-- Opening Marker --

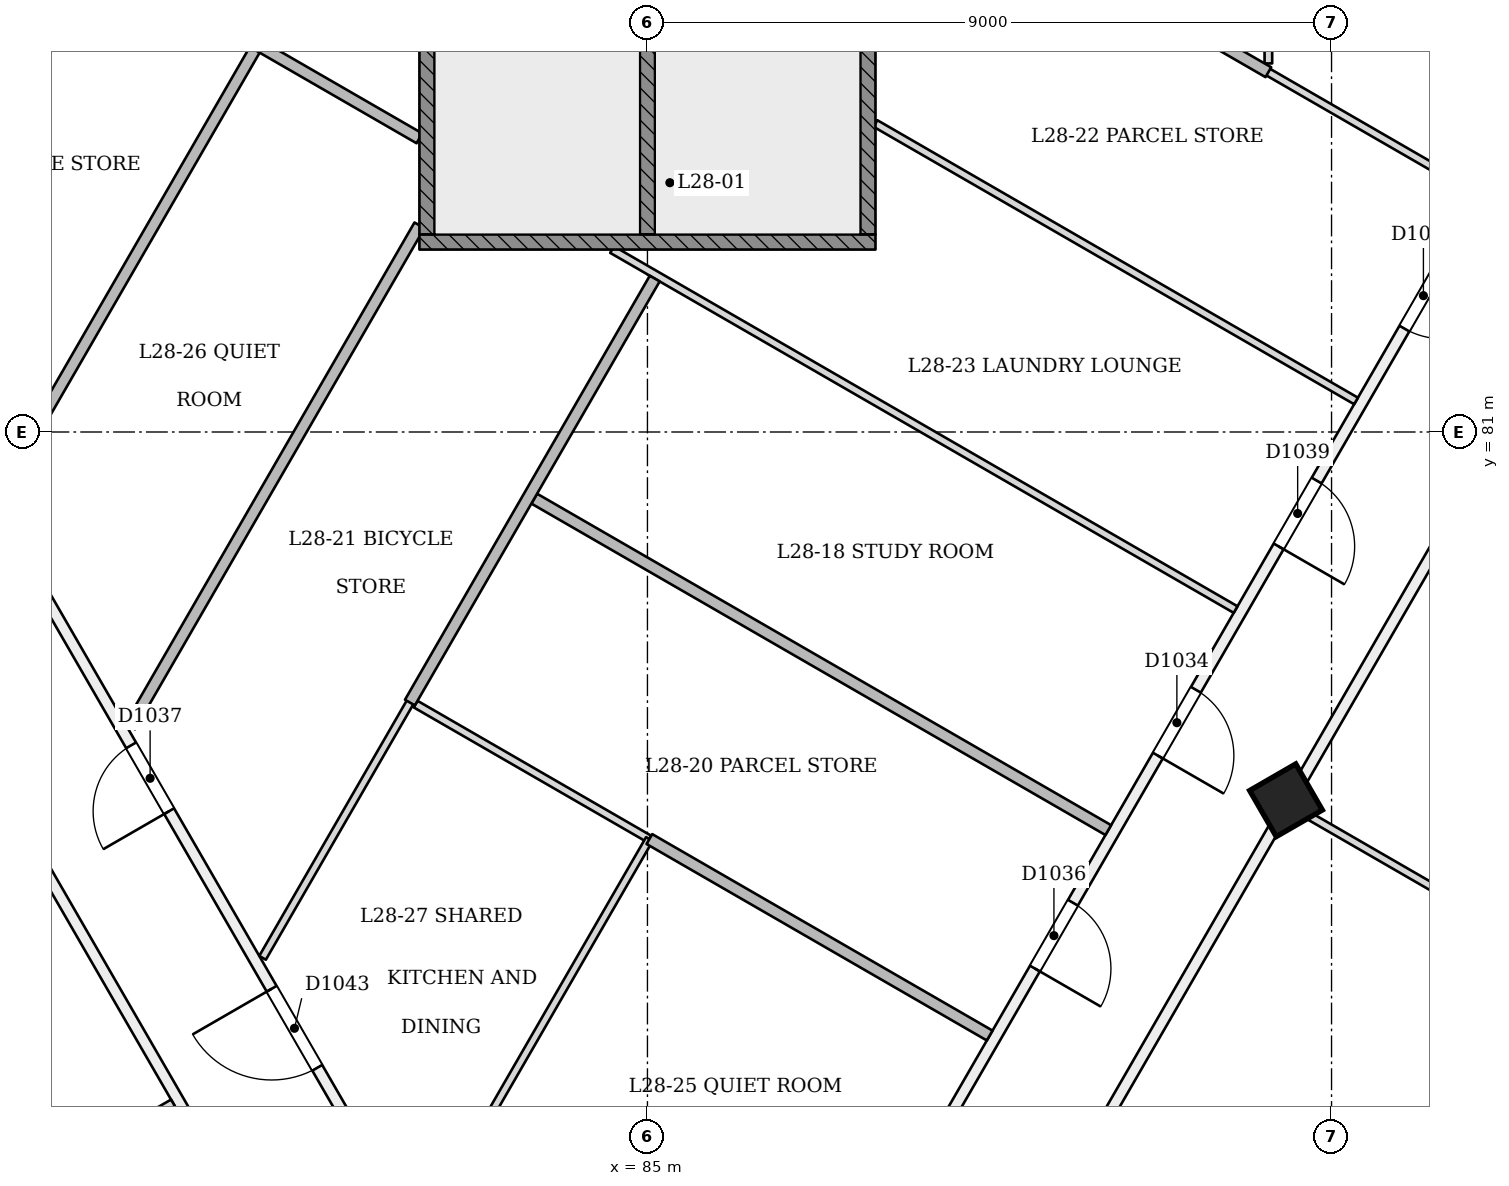
"""IFC4 building model, lengths in metres.
Left out: names, types, materials, properties, quantities, classifications, styles, units other than length and angle.
Written with IfcOpenShell. Run it as: python <this file> out.ifc"""

import sys

from ifc_helpers import new_model, si_unit, direction, frame, frame_2d, origin, origin_2d, place, context, subcontext, project, spatial, rectangle, extrude, element, fill, save


model = new_model("IFC4")
c1 = context("Model", 3, precision=1e-05, world=origin(), true_north=direction((0.0, 1.0)))
c2 = subcontext(c1, "Body", "Model", "MODEL_VIEW")
j1 = project(units=[si_unit("LENGTHUNIT", "METRE"), si_unit("PLANEANGLEUNIT", "RADIAN")], contexts=[c1])
p1 = place(None, origin())
s1 = spatial("IfcSite", under=j1, at=p1, CompositionType="ELEMENT")
p2 = place(p1, origin())
s2 = spatial("IfcBuilding", under=s1, at=p2, CompositionType="ELEMENT")
p3 = place(p2, frame((0.0, 0.0, 111.6)))
s3 = spatial("IfcBuildingStorey", under=s2, at=p3, CompositionType="ELEMENT", Elevation=111.6)
p4 = place(p3, frame((93.428, 76.108, -0.021), z_axis=(-0.02215519141, 0.038415882353, 0.999016199807), x_axis=(-0.50065279292, -0.865364153162, 0.02217348332)))
e1 = element("IfcColumn", 1, at=p4, inside=s3, PredefinedType="COLUMN", context=c2, shape_type="SweptSolid", body=[
    extrude(rectangle(XDim=0.7, YDim=0.7, at=origin_2d()), origin(), (0.0, 0.0, 1.0), 3.604),
])
p5 = place(p3, frame((99.716, 90.6, 0.0), z_axis=(0.0, 0.0, 1.0), x_axis=(-0.500001331159, -0.866024635238, 0.0)))
e2 = element("IfcWall", 2, at=p5, inside=s3, PredefinedType="PARTITIONING", context=c2, shape_type="SweptSolid", body=[
    extrude(rectangle(XDim=29.302, YDim=0.15, at=frame_2d((14.651, 0.0))), origin(), (0.0, 0.0, 1.0), 3.1),
])
p6 = place(p5, frame((2.192, 0.0, 0.0)))
e3 = element("IfcOpeningElement", 3, at=p6, cuts=e2, PredefinedType="OPENING", context=c2, shape_type="SweptSolid", body=[
    extrude(rectangle(XDim=0.9, YDim=2.1, at=frame_2d((0.45, 1.05))), frame((0.0, 0.085, 0.0), z_axis=(0.0, -1.0, 0.0), x_axis=(1.0, 0.0, 0.0)), (0.0, 0.0, 1.0), 0.171),
])
p7 = place(p5, frame((5.182, 0.0, 0.0)))
e4 = element("IfcOpeningElement", 4, at=p7, cuts=e2, PredefinedType="OPENING", context=c2, shape_type="SweptSolid", body=[
    extrude(rectangle(XDim=0.9, YDim=2.1, at=frame_2d((0.45, 1.05))), frame((0.0, 0.085, 0.0), z_axis=(0.0, -1.0, 0.0), x_axis=(1.0, 0.0, 0.0)), (0.0, 0.0, 1.0), 0.171),
])
p8 = place(p5, frame((15.001, 0.0, 0.0)))
e5 = element("IfcOpeningElement", 5, at=p8, cuts=e2, PredefinedType="OPENING", context=c2, shape_type="SweptSolid", body=[
    extrude(rectangle(XDim=1.0, YDim=2.1, at=frame_2d((0.5, 1.05))), frame((0.0, 0.085, 0.0), z_axis=(0.0, -1.0, 0.0), x_axis=(1.0, 0.0, 0.0)), (0.0, 0.0, 1.0), 0.171),
])
p9 = place(p5, frame((18.236, 0.0, 0.0)))
e6 = element("IfcOpeningElement", 6, at=p9, cuts=e2, PredefinedType="OPENING", context=c2, shape_type="SweptSolid", body=[
    extrude(rectangle(XDim=1.0, YDim=2.1, at=frame_2d((0.5, 1.05))), frame((0.0, 0.085, 0.0), z_axis=(0.0, -1.0, 0.0), x_axis=(1.0, 0.0, 0.0)), (0.0, 0.0, 1.0), 0.171),
])
p10 = place(p5, frame((8.514, 0.0, 0.0)))
e7 = element("IfcOpeningElement", 7, at=p10, cuts=e2, PredefinedType="OPENING", context=c2, shape_type="SweptSolid", body=[
    extrude(rectangle(XDim=1.0, YDim=2.1, at=frame_2d((0.5, 1.05))), frame((0.0, 0.085, 0.0), z_axis=(0.0, -1.0, 0.0), x_axis=(1.0, 0.0, 0.0)), (0.0, 0.0, 1.0), 0.171),
])
p11 = place(p5, frame((11.823, 0.0, 0.0)))
e8 = element("IfcOpeningElement", 8, at=p11, cuts=e2, PredefinedType="OPENING", context=c2, shape_type="SweptSolid", body=[
    extrude(rectangle(XDim=1.0, YDim=2.1, at=frame_2d((0.5, 1.05))), frame((0.0, 0.085, 0.0), z_axis=(0.0, -1.0, 0.0), x_axis=(1.0, 0.0, 0.0)), (0.0, 0.0, 1.0), 0.171),
])
p12 = place(p5, frame((22.054, 0.0, 0.0)))
e9 = element("IfcOpeningElement", 9, at=p12, cuts=e2, PredefinedType="OPENING", context=c2, shape_type="SweptSolid", body=[
    extrude(rectangle(XDim=1.0, YDim=2.1, at=frame_2d((0.5, 1.05))), frame((0.0, 0.085, 0.0), z_axis=(0.0, -1.0, 0.0), x_axis=(1.0, 0.0, 0.0)), (0.0, 0.0, 1.0), 0.171),
])
p13 = place(p3, frame((85.0, 65.112, 0.0), z_axis=(0.0, 0.0, 1.0), x_axis=(-0.499994117932, 0.866028799771, 0.0)))
e10 = element("IfcWall", 10, at=p13, inside=s3, PredefinedType="PARTITIONING", context=c2, shape_type="SweptSolid", body=[
    extrude(rectangle(XDim=29.431, YDim=0.15, at=frame_2d((14.716, 0.0))), origin(), (0.0, 0.0, 1.0), 3.1),
])
p14 = place(p13, frame((2.874, 0.0, 0.0)))
e11 = element("IfcOpeningElement", 11, at=p14, cuts=e10, PredefinedType="OPENING", context=c2, shape_type="SweptSolid", body=[
    extrude(rectangle(XDim=1.0, YDim=2.1, at=frame_2d((0.5, 1.05))), frame((0.0, 0.085, 0.0), z_axis=(0.0, -1.0, 0.0), x_axis=(1.0, 0.0, 0.0)), (0.0, 0.0, 1.0), 0.171),
])
p15 = place(p13, frame((25.015, 0.0, 0.0)))
e12 = element("IfcOpeningElement", 12, at=p15, cuts=e10, PredefinedType="OPENING", context=c2, shape_type="SweptSolid", body=[
    extrude(rectangle(XDim=1.0, YDim=2.1, at=frame_2d((0.5, 1.05))), frame((0.0, 0.085, 0.0), z_axis=(0.0, -1.0, 0.0), x_axis=(1.0, 0.0, 0.0)), (0.0, 0.0, 1.0), 0.171),
])
p16 = place(p13, frame((12.586, 0.0, 0.0)))
e13 = element("IfcOpeningElement", 13, at=p16, cuts=e10, PredefinedType="OPENING", context=c2, shape_type="SweptSolid", body=[
    extrude(rectangle(XDim=1.0, YDim=2.1, at=frame_2d((0.5, 1.05))), frame((0.0, 0.085, 0.0), z_axis=(0.0, -1.0, 0.0), x_axis=(1.0, 0.0, 0.0)), (0.0, 0.0, 1.0), 0.171),
])
p17 = place(p13, frame((20.422, 0.0, 0.0)))
e14 = element("IfcOpeningElement", 14, at=p17, cuts=e10, PredefinedType="OPENING", context=c2, shape_type="SweptSolid", body=[
    extrude(rectangle(XDim=1.0, YDim=2.1, at=frame_2d((0.5, 1.05))), frame((0.0, 0.085, 0.0), z_axis=(0.0, -1.0, 0.0), x_axis=(1.0, 0.0, 0.0)), (0.0, 0.0, 1.0), 0.171),
])
p18 = place(p13, frame((16.093, 0.0, 0.0)))
e15 = element("IfcOpeningElement", 15, at=p18, cuts=e10, PredefinedType="OPENING", context=c2, shape_type="SweptSolid", body=[
    extrude(rectangle(XDim=1.0, YDim=2.1, at=frame_2d((0.5, 1.05))), frame((0.0, 0.085, 0.0), z_axis=(0.0, -1.0, 0.0), x_axis=(1.0, 0.0, 0.0)), (0.0, 0.0, 1.0), 0.171),
])
p19 = place(p13, frame((8.688, 0.0, 0.0)))
e16 = element("IfcOpeningElement", 16, at=p19, cuts=e10, PredefinedType="OPENING", context=c2, shape_type="SweptSolid", body=[
    extrude(rectangle(XDim=1.2, YDim=2.1, at=frame_2d((0.6, 1.05))), frame((0.0, 0.085, 0.0), z_axis=(0.0, -1.0, 0.0), x_axis=(1.0, 0.0, 0.0)), (0.0, 0.0, 1.0), 0.171),
])
p20 = place(p3, frame((63.988, 97.906, 0.0), z_axis=(0.0, 0.0, 1.0), x_axis=(0.500001579174, -0.866024492046, 0.0)))
e17 = element("IfcWall", 17, at=p20, inside=s3, PredefinedType="PARTITIONING", context=c2, shape_type="SweptSolid", body=[
    extrude(rectangle(XDim=41.339, YDim=0.15, at=frame_2d((20.669, 0.0))), origin(), (0.0, 0.0, 1.0), 2.7),
])
p21 = place(p20, frame((0.228, 0.0, 0.0)))
e18 = element("IfcOpeningElement", 18, at=p21, cuts=e17, PredefinedType="OPENING", context=c2, shape_type="SweptSolid", body=[
    extrude(rectangle(XDim=1.2, YDim=2.1, at=frame_2d((0.6, 1.05))), frame((0.0, 0.085, 0.0), z_axis=(0.0, -1.0, 0.0), x_axis=(1.0, 0.0, 0.0)), (0.0, 0.0, 1.0), 0.171),
])
p22 = place(p20, frame((11.07, 0.0, 0.0)))
e19 = element("IfcOpeningElement", 19, at=p22, cuts=e17, PredefinedType="OPENING", context=c2, shape_type="SweptSolid", body=[
    extrude(rectangle(XDim=1.2, YDim=2.1, at=frame_2d((0.6, 1.05))), frame((0.0, 0.085, 0.0), z_axis=(0.0, -1.0, 0.0), x_axis=(1.0, 0.0, 0.0)), (0.0, 0.0, 1.0), 0.171),
])
p23 = place(p20, frame((22.32, 0.0, 0.0)))
e20 = element("IfcOpeningElement", 20, at=p23, cuts=e17, PredefinedType="OPENING", context=c2, shape_type="SweptSolid", body=[
    extrude(rectangle(XDim=1.2, YDim=2.1, at=frame_2d((0.6, 1.05))), frame((0.0, 0.085, 0.0), z_axis=(0.0, -1.0, 0.0), x_axis=(1.0, 0.0, 0.0)), (0.0, 0.0, 1.0), 0.171),
])
p24 = place(p20, frame((32.47, 0.0, 0.0)))
e21 = element("IfcOpeningElement", 21, at=p24, cuts=e17, PredefinedType="OPENING", context=c2, shape_type="SweptSolid", body=[
    extrude(rectangle(XDim=1.2, YDim=2.1, at=frame_2d((0.6, 1.05))), frame((0.0, 0.085, 0.0), z_axis=(0.0, -1.0, 0.0), x_axis=(1.0, 0.0, 0.0)), (0.0, 0.0, 1.0), 0.171),
])
p25 = place(p20, frame((39.758, 0.0, 0.0)))
e22 = element("IfcOpeningElement", 22, at=p25, cuts=e17, PredefinedType="OPENING", context=c2, shape_type="SweptSolid", body=[
    extrude(rectangle(XDim=1.0, YDim=2.1, at=frame_2d((0.5, 1.05))), frame((0.0, 0.085, 0.0), z_axis=(0.0, -1.0, 0.0), x_axis=(1.0, 0.0, 0.0)), (0.0, 0.0, 1.0), 0.171),
])
p26 = place(p3, frame((85.343, 62.105, 0.0), z_axis=(0.0, 0.0, 1.0), x_axis=(0.500001579174, 0.866024492046, 0.0)))
e23 = element("IfcWall", 23, at=p26, inside=s3, PredefinedType="PARTITIONING", context=c2, shape_type="SweptSolid", body=[
    extrude(rectangle(XDim=41.339, YDim=0.15, at=frame_2d((20.669, 0.0))), origin(), (0.0, 0.0, 1.0), 2.7),
])
p27 = place(p26, frame((0.312, 0.0, 0.0)))
e24 = element("IfcOpeningElement", 24, at=p27, cuts=e23, PredefinedType="OPENING", context=c2, shape_type="SweptSolid", body=[
    extrude(rectangle(XDim=1.2, YDim=2.1, at=frame_2d((0.6, 1.05))), frame((0.0, 0.085, 0.0), z_axis=(0.0, -1.0, 0.0), x_axis=(1.0, 0.0, 0.0)), (0.0, 0.0, 1.0), 0.171),
])
p28 = place(p26, frame((8.82, 0.0, 0.0)))
e25 = element("IfcOpeningElement", 25, at=p28, cuts=e23, PredefinedType="OPENING", context=c2, shape_type="SweptSolid", body=[
    extrude(rectangle(XDim=1.2, YDim=2.1, at=frame_2d((0.6, 1.05))), frame((0.0, 0.085, 0.0), z_axis=(0.0, -1.0, 0.0), x_axis=(1.0, 0.0, 0.0)), (0.0, 0.0, 1.0), 0.171),
])
p29 = place(p26, frame((22.32, 0.0, 0.0)))
e26 = element("IfcOpeningElement", 26, at=p29, cuts=e23, PredefinedType="OPENING", context=c2, shape_type="SweptSolid", body=[
    extrude(rectangle(XDim=1.2, YDim=2.1, at=frame_2d((0.6, 1.05))), frame((0.0, 0.085, 0.0), z_axis=(0.0, -1.0, 0.0), x_axis=(1.0, 0.0, 0.0)), (0.0, 0.0, 1.0), 0.171),
])
p30 = place(p26, frame((32.47, 0.0, 0.0)))
e27 = element("IfcOpeningElement", 27, at=p30, cuts=e23, PredefinedType="OPENING", context=c2, shape_type="SweptSolid", body=[
    extrude(rectangle(XDim=1.2, YDim=2.1, at=frame_2d((0.6, 1.05))), frame((0.0, 0.085, 0.0), z_axis=(0.0, -1.0, 0.0), x_axis=(1.0, 0.0, 0.0)), (0.0, 0.0, 1.0), 0.171),
])
p31 = place(p26, frame((39.739, 0.0, 0.0)))
e28 = element("IfcOpeningElement", 28, at=p31, cuts=e23, PredefinedType="OPENING", context=c2, shape_type="SweptSolid", body=[
    extrude(rectangle(XDim=1.0, YDim=2.1, at=frame_2d((0.5, 1.05))), frame((0.0, 0.085, 0.0), z_axis=(0.0, -1.0, 0.0), x_axis=(1.0, 0.0, 0.0)), (0.0, 0.0, 1.0), 0.171),
])
p32 = place(p3, frame((93.149, 85.745, 0.0), z_axis=(0.0, 0.0, 1.0), x_axis=(0.866050256499, -0.499956951366, 0.0)))
e29 = element("IfcWall", 29, at=p32, inside=s3, PredefinedType="PARTITIONING", context=c2, shape_type="SweptSolid", body=[
    extrude(rectangle(XDim=3.184, YDim=0.1, at=frame_2d((1.592, 0.0))), origin(), (0.0, 0.0, 1.0), 3.1),
])
p33 = place(p3, frame((93.169, 90.524, 0.0), z_axis=(0.0, 0.0, 1.0), x_axis=(0.0, -1.0, 0.0)))
e30 = element("IfcWall", 30, at=p33, inside=s3, PredefinedType="PARTITIONING", context=c2, shape_type="SweptSolid", body=[
    extrude(rectangle(XDim=4.676, YDim=0.1, at=frame_2d((2.338, 0.0))), origin(), (0.0, 0.0, 1.0), 3.1),
])
for number, where, z_axis, x_axis in (
    (31, (73.28, 69.012, 0.0), (0.0, 0.0, 1.0), (0.866, 0.5, 0.0)),
    (32, (98.97, 72.909, 0.0), (0.0, 0.0, 1.0), (-0.866, 0.5, 0.0)),
):
    element("IfcWall", number, at=place(p3, frame(where, z_axis=z_axis, x_axis=x_axis)), inside=s3, PredefinedType="PARTITIONING", context=c2, shape_type="SweptSolid", body=[
        extrude(rectangle(XDim=6.325, YDim=0.1, at=frame_2d((3.163, 0.0))), origin(), (0.0, 0.0, 1.0), 2.6),
    ])
p34 = place(p3, frame((83.51, 80.123, 0.0), z_axis=(0.0, 0.0, 1.0), x_axis=(0.866022412254, -0.500005181446, 0.0)))
e33 = element("IfcWall", 33, at=p34, inside=s3, PredefinedType="PARTITIONING", context=c2, shape_type="SweptSolid", body=[
    extrude(rectangle(XDim=8.721, YDim=0.15, at=frame_2d((4.36, 0.0))), origin(), (0.0, 0.0, 1.0), 3.1),
])
p35 = place(p3, frame((85.096, 83.019, 0.0), z_axis=(0.0, 0.0, 1.0), x_axis=(-0.499991501415, -0.866030310389, 0.0)))
e34 = element("IfcWall", 34, at=p35, inside=s3, PredefinedType="PARTITIONING", context=c2, shape_type="SweptSolid", body=[
    extrude(rectangle(XDim=6.441, YDim=0.15, at=frame_2d((3.22, 0.0))), origin(), (0.0, 0.0, 1.0), 3.1),
])
p36 = place(p3, frame((92.738, 78.664, 0.0), z_axis=(0.0, 0.0, 1.0), x_axis=(-0.866036218949, 0.499981267118, 0.0)))
e35 = element("IfcWall", 35, at=p36, inside=s3, PredefinedType="PARTITIONING", context=c2, shape_type="SweptSolid", body=[
    extrude(rectangle(XDim=9.472, YDim=0.1, at=frame_2d((4.736, 0.0))), origin(), (0.0, 0.0, 1.0), 3.1),
])
p37 = place(p3, frame((76.315, 88.146, 0.0), z_axis=(0.0, 0.0, 1.0), x_axis=(0.866025784966, -0.499999339774, 0.0)))
e36 = element("IfcWall", 36, at=p37, inside=s3, PredefinedType="PARTITIONING", context=c2, shape_type="SweptSolid", body=[
    extrude(rectangle(XDim=6.564, YDim=0.15, at=frame_2d((3.282, 0.0))), origin(), (0.0, 0.0, 1.0), 3.1),
])
p38 = place(p3, frame((85.025, 75.645, 0.0), z_axis=(0.0, 0.0, 1.0), x_axis=(0.866034590324, -0.49998408811, 0.0)))
e37 = element("IfcWall", 37, at=p38, inside=s3, PredefinedType="PARTITIONING", context=c2, shape_type="SweptSolid", body=[
    extrude(rectangle(XDim=5.17, YDim=0.15, at=frame_2d((2.585, 0.0))), origin(), (0.0, 0.0, 1.0), 3.1),
])
p39 = place(p3, frame((81.95, 77.42, 0.0), z_axis=(0.0, 0.0, 1.0), x_axis=(0.866004682396, -0.50003588878, 0.0)))
e38 = element("IfcWall", 38, at=p39, inside=s3, PredefinedType="PARTITIONING", context=c2, shape_type="SweptSolid", body=[
    extrude(rectangle(XDim=3.551, YDim=0.1, at=frame_2d((1.775, 0.0))), origin(), (0.0, 0.0, 1.0), 3.1),
])
p40 = place(p3, frame((82.0, 83.719, 0.0), z_axis=(0.0, 0.0, 1.0), x_axis=(-0.499991725642, -0.866030180935, 0.0)))
e39 = element("IfcWall", 39, at=p40, inside=s3, PredefinedType="PARTITIONING", context=c2, shape_type="SweptSolid", body=[
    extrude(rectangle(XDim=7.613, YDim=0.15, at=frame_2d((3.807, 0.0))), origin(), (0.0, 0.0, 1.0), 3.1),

-- Closing Marker --

Could you show every line of the listing that holds the string "import"?

### The completed task
import sys
from ifc_helpers import new_model, si_unit, direction, frame, frame_2d, origin, origin_2d, place, context, subcontext, project, spatial, rectangle, extrude, element, fill, save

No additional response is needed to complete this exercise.